**SUPPLIED ENTRIES:**
--------------------------------

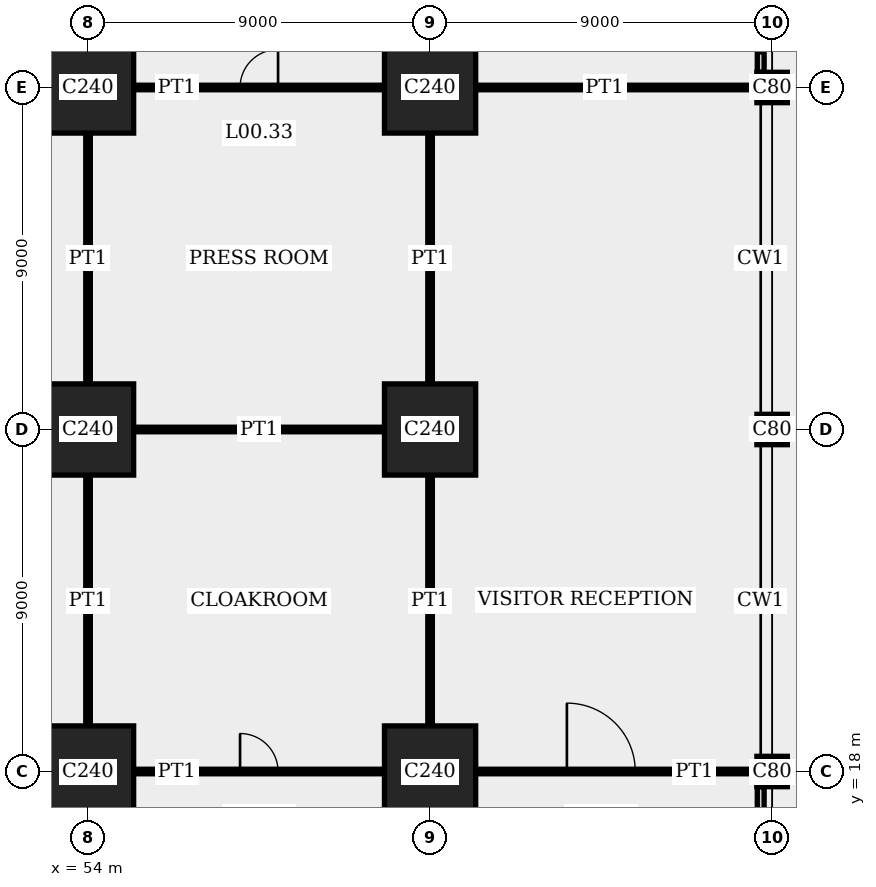
"""IFC4 building model, lengths in metres.
Left out: names, types, materials, properties, quantities, classifications, styles, units other than length and angle.
Written with IfcOpenShell. Run it as: python <this file> out.ifc"""

import sys

from ifc_helpers import new_model, si_unit, direction, frame, frame_2d, origin, origin_2d, place, context, subcontext, project, spatial, rectangle, extrude, element, fill, save


model = new_model("IFC4")
c1 = context("Model", 3, precision=1e-05, world=origin(), true_north=direction((0.0, 1.0)))
c2 = subcontext(c1, "Body", "Model", "MODEL_VIEW")
j1 = project(units=[si_unit("LENGTHUNIT", "METRE"), si_unit("PLANEANGLEUNIT", "RADIAN")], contexts=[c1])
p1 = place(None, origin())
s1 = spatial("IfcSite", under=j1, at=p1, CompositionType="ELEMENT")
p2 = place(p1, origin())
s2 = spatial("IfcBuilding", under=s1, at=p2, CompositionType="ELEMENT")
p3 = place(p2, origin())
s3 = spatial("IfcBuildingStorey", under=s2, at=p3, CompositionType="ELEMENT", Elevation=0.0)
for number, where, z_axis, x_axis in (
    (1, (54.0, 18.0, 0.0), (0.0, 0.0, 1.0), (1.0, 0.0, 0.0)),
    (2, (54.0, 27.0, 0.0), (0.0, 0.0, 1.0), (1.0, 0.0, 0.0)),
    (3, (54.0, 36.0, 0.0), (0.0, 0.0, 1.0), (1.0, 0.0, 0.0)),
    (4, (63.0, 18.0, 0.0), (0.0, 0.0, 1.0), (1.0, 0.0, 0.0)),
    (5, (63.0, 27.0, 0.0), (0.0, 0.0, 1.0), (1.0, 0.0, 0.0)),
    (6, (63.0, 36.0, 0.0), (0.0, 0.0, 1.0), (1.0, 0.0, 0.0)),
):
    element("IfcColumn", number, at=place(p3, frame(where, z_axis=z_axis, x_axis=x_axis)), inside=s3, PredefinedType="COLUMN", context=c2, shape_type="SweptSolid", body=[
        extrude(rectangle(XDim=2.4, YDim=2.4, at=origin_2d()), origin(), (0.0, 0.0, 1.0), 5.4),
    ])
for number, where, z_axis, x_axis in (
    (7, (72.0, 18.0, 0.0), (0.0, 0.0, 1.0), (1.0, 0.0, 0.0)),
    (8, (72.0, 27.0, 0.0), (0.0, 0.0, 1.0), (1.0, 0.0, 0.0)),
    (9, (72.0, 36.0, 0.0), (0.0, 0.0, 1.0), (1.0, 0.0, 0.0)),
):
    element("IfcColumn", number, at=place(p3, frame(where, z_axis=z_axis, x_axis=x_axis)), inside=s3, PredefinedType="COLUMN", context=c2, shape_type="SweptSolid", body=[
        extrude(rectangle(XDim=0.8, YDim=0.8, at=origin_2d()), origin(), (0.0, 0.0, 1.0), 5.4),
    ])
p4 = place(p3, frame((71.7, 9.4, 0.0), z_axis=(0.0, 0.0, 1.0), x_axis=(0.0, 1.0, 0.0)))
e10 = element("IfcWall", 10, at=p4, inside=s3, PredefinedType="SOLIDWALL", context=c2, shape_type="SweptSolid", body=[
    extrude(rectangle(XDim=8.2, YDim=0.18, at=frame_2d((4.1, 0.0))), origin(), (0.0, 0.0, 1.0), 4.3),
])
p5 = place(p4, frame((1.95, 0.0, 0.0)))
e11 = element("IfcOpeningElement", 11, at=p5, cuts=e10, PredefinedType="OPENING", context=c2, shape_type="SweptSolid", body=[
    extrude(rectangle(XDim=2.0, YDim=3.0, at=frame_2d((1.0, 1.5))), frame((0.0, 0.1, 0.0), z_axis=(0.0, -1.0, 0.0), x_axis=(1.0, 0.0, 0.0)), (0.0, 0.0, 1.0), 0.2),
])
p6 = place(p4, frame((4.25, 0.0, 0.0)))
e12 = element("IfcOpeningElement", 12, at=p6, cuts=e10, PredefinedType="OPENING", context=c2, shape_type="SweptSolid", body=[
    extrude(rectangle(XDim=2.0, YDim=3.0, at=frame_2d((1.0, 1.5))), frame((0.0, 0.1, 0.0), z_axis=(0.0, -1.0, 0.0), x_axis=(1.0, 0.0, 0.0)), (0.0, 0.0, 1.0), 0.2),
])
p7 = place(p3, frame((71.7, 36.4, 0.0), z_axis=(0.0, 0.0, 1.0), x_axis=(0.0, 1.0, 0.0)))
e13 = element("IfcWall", 13, at=p7, inside=s3, PredefinedType="SOLIDWALL", context=c2, shape_type="SweptSolid", body=[
    extrude(rectangle(XDim=8.2, YDim=0.18, at=frame_2d((4.1, 0.0))), origin(), (0.0, 0.0, 1.0), 4.3),
])
p8 = place(p7, frame((3.2, 0.0, 0.0)))
e14 = element("IfcOpeningElement", 14, at=p8, cuts=e13, PredefinedType="OPENING", context=c2, shape_type="SweptSolid", body=[
    extrude(rectangle(XDim=1.8, YDim=2.4, at=frame_2d((0.9, 1.2))), frame((0.0, 0.1, 0.0), z_axis=(0.0, -1.0, 0.0), x_axis=(1.0, 0.0, 0.0)), (0.0, 0.0, 1.0), 0.2),
])
p9 = place(p7, frame((0.5, 0.0, 0.3)))
e15 = element("IfcOpeningElement", 15, at=p9, cuts=e13, PredefinedType="OPENING", context=c2, shape_type="SweptSolid", body=[
    extrude(rectangle(XDim=1.5, YDim=2.4, at=frame_2d((0.75, 1.2))), frame((0.0, 0.1, 0.0), z_axis=(0.0, -1.0, 0.0), x_axis=(1.0, 0.0, 0.0)), (0.0, 0.0, 1.0), 0.2),
])
p10 = place(p7, frame((6.2, 0.0, 0.3)))
e16 = element("IfcOpeningElement", 16, at=p10, cuts=e13, PredefinedType="OPENING", context=c2, shape_type="SweptSolid", body=[
    extrude(rectangle(XDim=1.5, YDim=2.4, at=frame_2d((0.75, 1.2))), frame((0.0, 0.1, 0.0), z_axis=(0.0, -1.0, 0.0), x_axis=(1.0, 0.0, 0.0)), (0.0, 0.0, 1.0), 0.2),
])
p11 = place(p3, frame((55.2, 18.0, 0.0), z_axis=(0.0, 0.0, 1.0), x_axis=(1.0, 0.0, 0.0)))
e17 = element("IfcWall", 17, at=p11, inside=s3, PredefinedType="PARTITIONING", context=c2, shape_type="SweptSolid", body=[
    extrude(rectangle(XDim=6.6, YDim=0.12, at=frame_2d((3.3, 0.0))), origin(), (0.0, 0.0, 1.0), 4.3),
])
p12 = place(p11, frame((2.8, 0.0, 0.0)))
e18 = element("IfcOpeningElement", 18, at=p12, cuts=e17, PredefinedType="OPENING", context=c2, shape_type="SweptSolid", body=[
    extrude(rectangle(XDim=1.0, YDim=2.4, at=frame_2d((0.5, 1.2))), frame((0.0, 0.07, 0.0), z_axis=(0.0, -1.0, 0.0), x_axis=(1.0, 0.0, 0.0)), (0.0, 0.0, 1.0), 0.14),
])
p13 = place(p3, frame((64.2, 18.0, 0.0), z_axis=(0.0, 0.0, 1.0), x_axis=(1.0, 0.0, 0.0)))
e19 = element("IfcWall", 19, at=p13, inside=s3, PredefinedType="PARTITIONING", context=c2, shape_type="SweptSolid", body=[
    extrude(rectangle(XDim=7.4, YDim=0.12, at=frame_2d((3.7, 0.0))), origin(), (0.0, 0.0, 1.0), 4.3),
])
p14 = place(p13, frame((2.4, 0.0, 0.0)))
e20 = element("IfcOpeningElement", 20, at=p14, cuts=e19, PredefinedType="OPENING", context=c2, shape_type="SweptSolid", body=[
    extrude(rectangle(XDim=1.8, YDim=2.7, at=frame_2d((0.9, 1.35))), frame((0.0, 0.07, 0.0), z_axis=(0.0, -1.0, 0.0), x_axis=(1.0, 0.0, 0.0)), (0.0, 0.0, 1.0), 0.14),
])
p15 = place(p3, frame((55.2, 36.0, 0.0), z_axis=(0.0, 0.0, 1.0), x_axis=(1.0, 0.0, 0.0)))
e21 = element("IfcWall", 21, at=p15, inside=s3, PredefinedType="PARTITIONING", context=c2, shape_type="SweptSolid", body=[
    extrude(rectangle(XDim=6.6, YDim=0.12, at=frame_2d((3.3, 0.0))), origin(), (0.0, 0.0, 1.0), 4.3),
])
p16 = place(p15, frame((2.8, 0.0, 0.0)))
e22 = element("IfcOpeningElement", 22, at=p16, cuts=e21, PredefinedType="OPENING", context=c2, shape_type="SweptSolid", body=[
    extrude(rectangle(XDim=1.0, YDim=2.4, at=frame_2d((0.5, 1.2))), frame((0.0, 0.07, 0.0), z_axis=(0.0, -1.0, 0.0), x_axis=(1.0, 0.0, 0.0)), (0.0, 0.0, 1.0), 0.14),
])
p17 = place(p3, frame((64.2, 36.0, 0.0), z_axis=(0.0, 0.0, 1.0), x_axis=(1.0, 0.0, 0.0)))
e23 = element("IfcWall", 23, at=p17, inside=s3, PredefinedType="PARTITIONING", context=c2, shape_type="SweptSolid", body=[
    extrude(rectangle(XDim=7.4, YDim=0.12, at=frame_2d((3.7, 0.0))), origin(), (0.0, 0.0, 1.0), 4.3),
])
for number, where, z_axis, x_axis in (
    (24, (63.0, 19.2, 0.0), (0.0, 0.0, 1.0), (0.0, 1.0, 0.0)),
    (25, (63.0, 28.2, 0.0), (0.0, 0.0, 1.0), (0.0, 1.0, 0.0)),
    (26, (54.0, 19.2, 0.0), (0.0, 0.0, 1.0), (0.0, 1.0, 0.0)),
    (27, (54.0, 28.2, 0.0), (0.0, 0.0, 1.0), (0.0, 1.0, 0.0)),
    (28, (55.2, 27.0, 0.0), (0.0, 0.0, 1.0), (1.0, 0.0, 0.0)),
):
    element("IfcWall", number, at=place(p3, frame(where, z_axis=z_axis, x_axis=x_axis)), inside=s3, PredefinedType="PARTITIONING", context=c2, shape_type="SweptSolid", body=[
        extrude(rectangle(XDim=6.6, YDim=0.12, at=frame_2d((3.3, 0.0))), origin(), (0.0, 0.0, 1.0), 4.3),
    ])
p18 = place(p9, origin())
e29 = element("IfcWindow", 29, at=p18, inside=s3, PartitioningType="SINGLE_PANEL", PredefinedType="WINDOW", context=c2, shape_type="SweptSolid", body=[
    extrude(rectangle(XDim=1.5, YDim=2.4, at=frame_2d((0.75, 1.2))), frame((0.0, 0.03, 0.0), z_axis=(0.0, -1.0, 0.0), x_axis=(1.0, 0.0, 0.0)), (0.0, 0.0, 1.0), 0.06),
])
fill(e15, e29)
p19 = place(p12, origin())
e30 = element("IfcDoor", 30, at=p19, inside=s3, OperationType="SINGLE_SWING_RIGHT", PredefinedType="DOOR", context=c2, shape_type="SweptSolid", body=[
    extrude(rectangle(XDim=1.0, YDim=2.4, at=frame_2d((0.5, 1.2))), frame((0.0, 0.025, 0.0), z_axis=(0.0, -1.0, 0.0), x_axis=(1.0, 0.0, 0.0)), (0.0, 0.0, 1.0), 0.05),
])
fill(e18, e30)
p20 = place(p14, origin())
e31 = element("IfcDoor", 31, at=p20, inside=s3, OperationType="DOUBLE_DOOR_DOUBLE_SWING", PredefinedType="DOOR", context=c2, shape_type="SweptSolid", body=[
    extrude(rectangle(XDim=1.8, YDim=2.7, at=frame_2d((0.9, 1.35))), frame((0.0, 0.025, 0.0), z_axis=(0.0, -1.0, 0.0), x_axis=(1.0, 0.0, 0.0)), (0.0, 0.0, 1.0), 0.05),
])
fill(e20, e31)
p21 = place(p16, origin())
e32 = element("IfcDoor", 32, at=p21, inside=s3, OperationType="SINGLE_SWING_LEFT", PredefinedType="DOOR", context=c2, shape_type="SweptSolid", body=[
    extrude(rectangle(XDim=1.0, YDim=2.4, at=frame_2d((0.5, 1.2))), frame((0.0, 0.025, 0.0), z_axis=(0.0, -1.0, 0.0), x_axis=(1.0, 0.0, 0.0)), (0.0, 0.0, 1.0), 0.05),
])
fill(e22, e32)
save(model, sys.argv[1])

--------------------------------

Lines above that contain the string "import" make up the answer.

**RESPONSE TO THIS TASK:**
import sys
from ifc_helpers import new_model, si_unit, direction, frame, frame_2d, origin, origin_2d, place, context, subcontext, project, spatial, rectangle, extrude, element, fill, save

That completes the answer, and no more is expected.